* _TASK_
In your transcription, keep every record exact and leave out the pictures.

* _DATA TO USE_
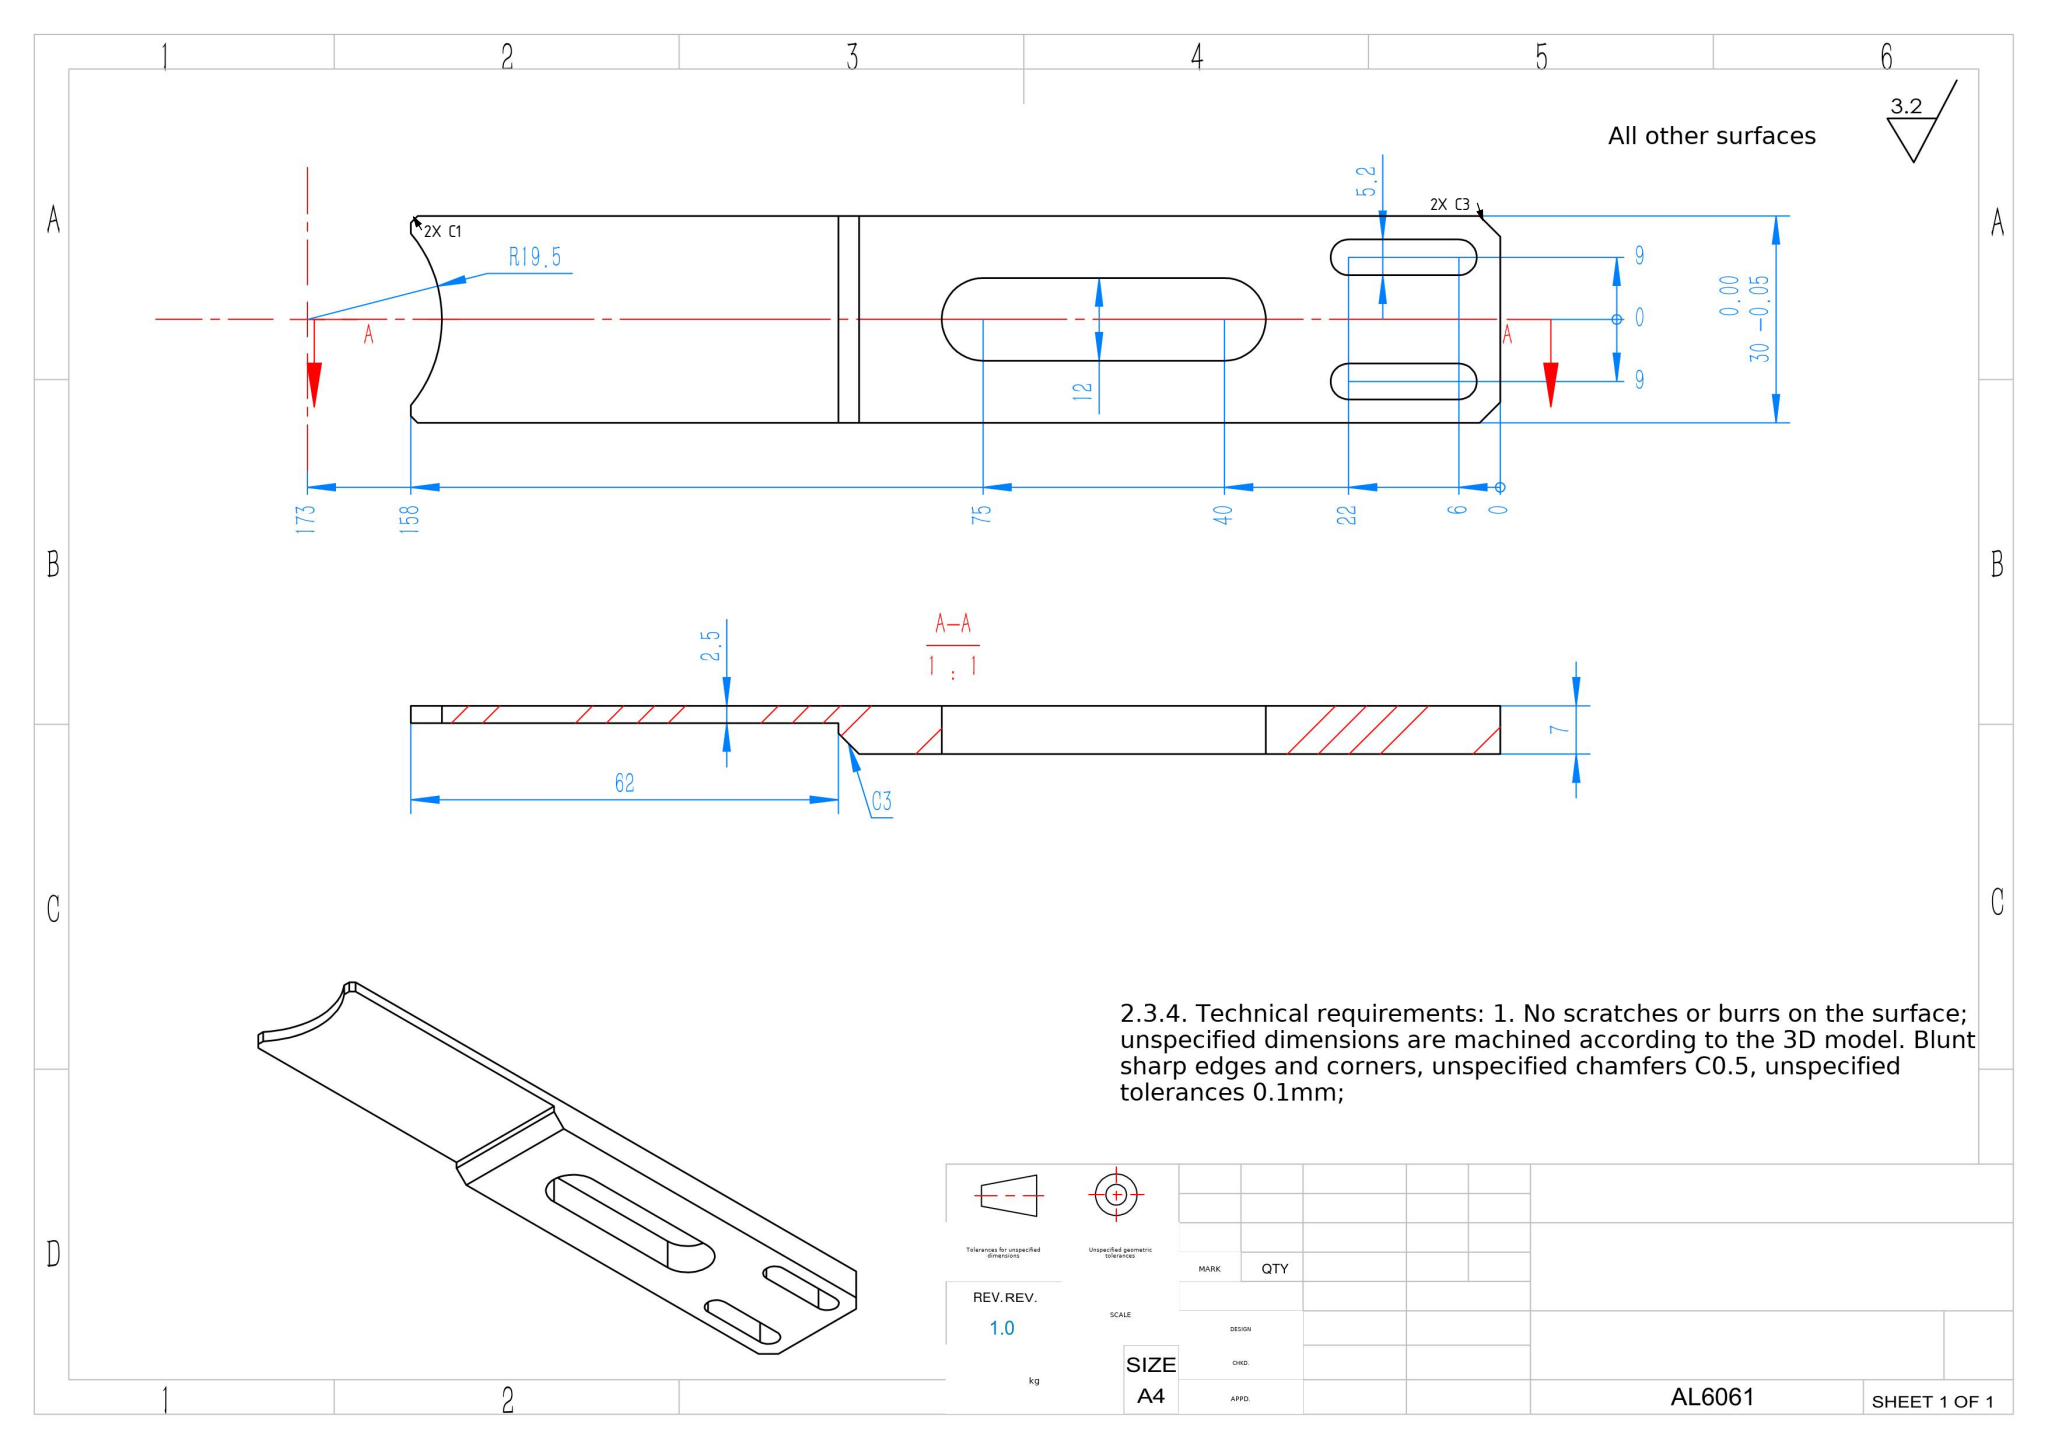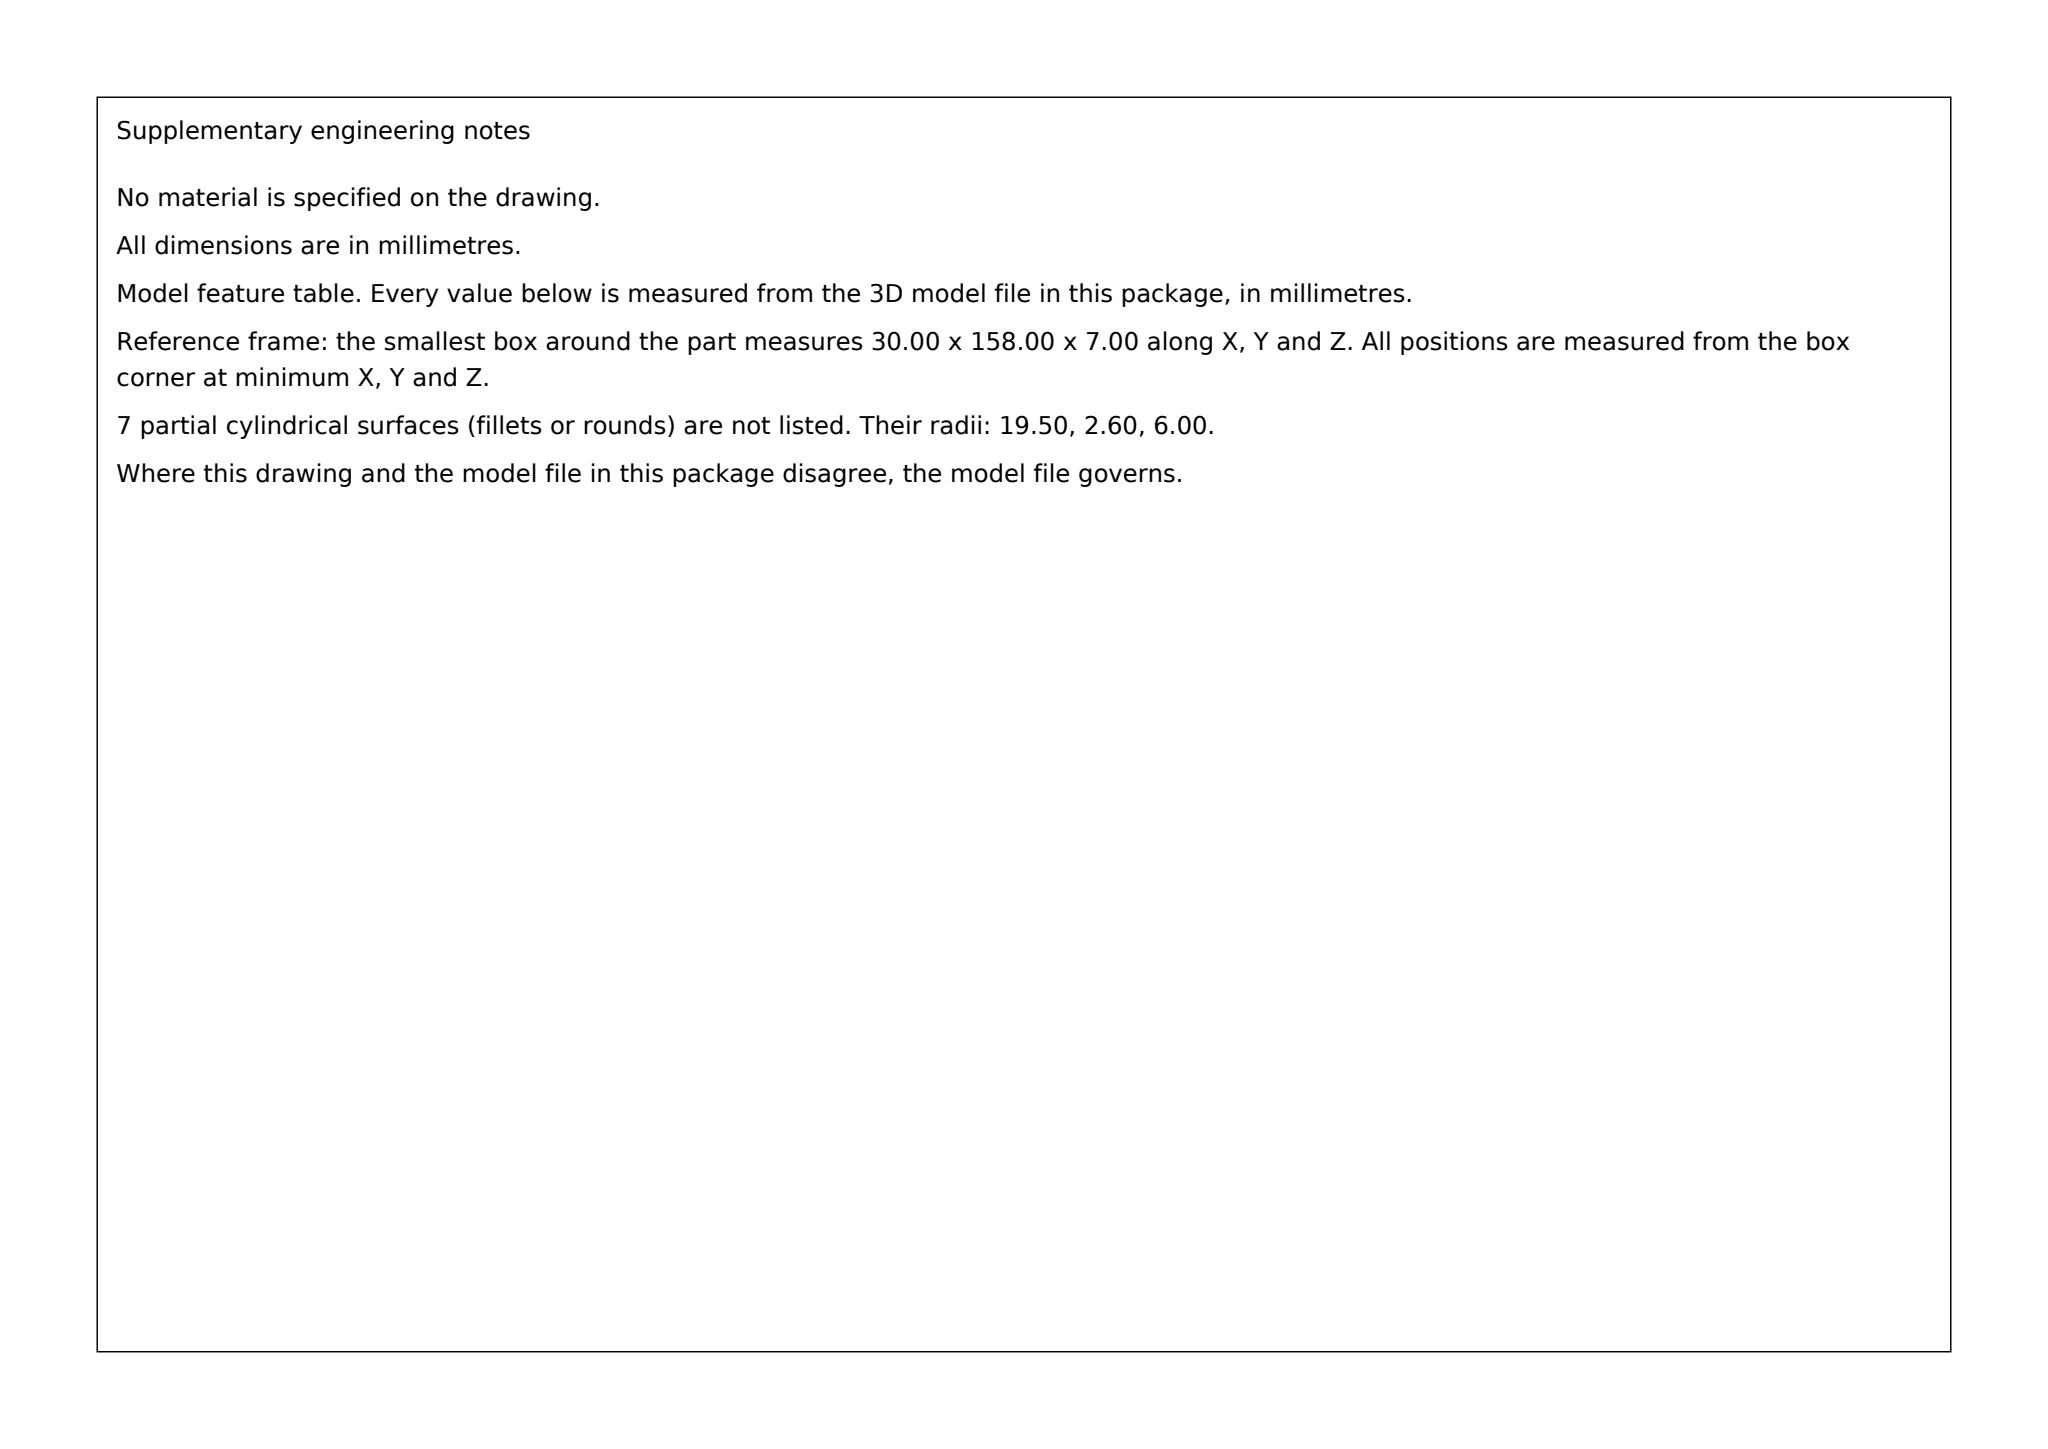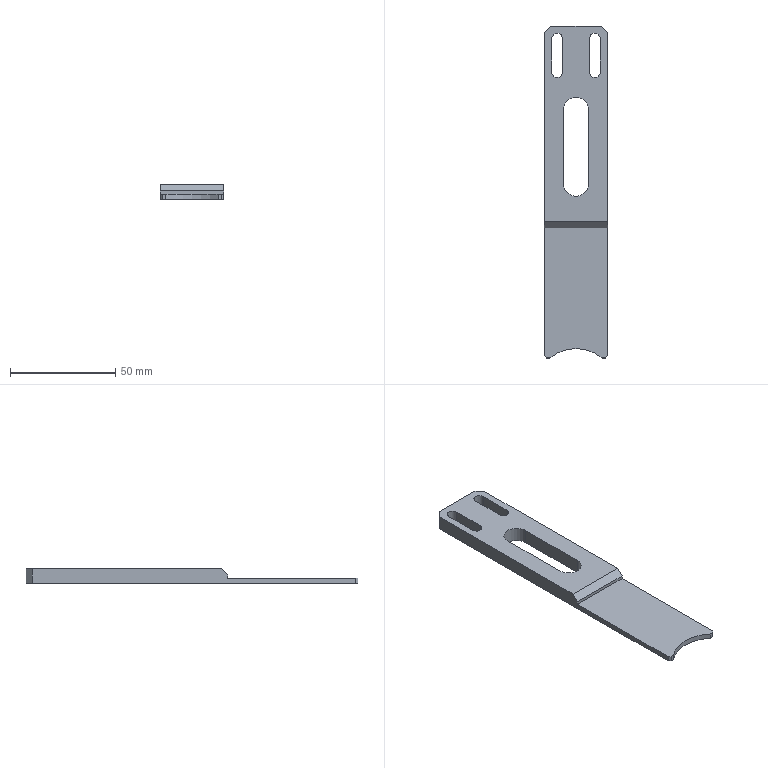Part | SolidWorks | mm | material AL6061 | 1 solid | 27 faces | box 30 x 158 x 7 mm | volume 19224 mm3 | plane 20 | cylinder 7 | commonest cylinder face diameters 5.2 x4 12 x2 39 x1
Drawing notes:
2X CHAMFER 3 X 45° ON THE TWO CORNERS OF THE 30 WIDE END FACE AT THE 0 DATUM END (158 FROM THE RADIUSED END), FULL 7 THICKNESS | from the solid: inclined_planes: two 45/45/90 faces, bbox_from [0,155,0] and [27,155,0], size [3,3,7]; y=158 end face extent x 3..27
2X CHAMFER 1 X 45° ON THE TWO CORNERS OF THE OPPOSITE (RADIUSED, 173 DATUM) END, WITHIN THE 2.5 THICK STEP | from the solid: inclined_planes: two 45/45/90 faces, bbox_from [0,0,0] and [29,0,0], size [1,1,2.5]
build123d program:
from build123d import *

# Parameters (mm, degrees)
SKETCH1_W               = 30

* _RESPONSE TO THE TASK_
Part | SolidWorks | mm | material AL6061 | 1 solid | 27 faces | box 30 x 158 x 7 mm | volume 19224 mm3 | plane 20 | cylinder 7 | commonest cylinder face diameters 5.2 x4 12 x2 39 x1
Drawing notes:
2X CHAMFER 3 X 45° ON THE TWO CORNERS OF THE 30 WIDE END FACE AT THE 0 DATUM END (158 FROM THE RADIUSED END), FULL 7 THICKNESS | from the solid: inclined_planes: two 45/45/90 faces, bbox_from [0,155,0] and [27,155,0], size [3,3,7]; y=158 end face extent x 3..27
2X CHAMFER 1 X 45° ON THE TWO CORNERS OF THE OPPOSITE (RADIUSED, 173 DATUM) END, WITHIN THE 2.5 THICK STEP | from the solid: inclined_planes: two 45/45/90 faces, bbox_from [0,0,0] and [29,0,0], size [1,1,2.5]
build123d program:
from build123d import *

# Parameters (mm, degrees)
SKETCH1_W               = 30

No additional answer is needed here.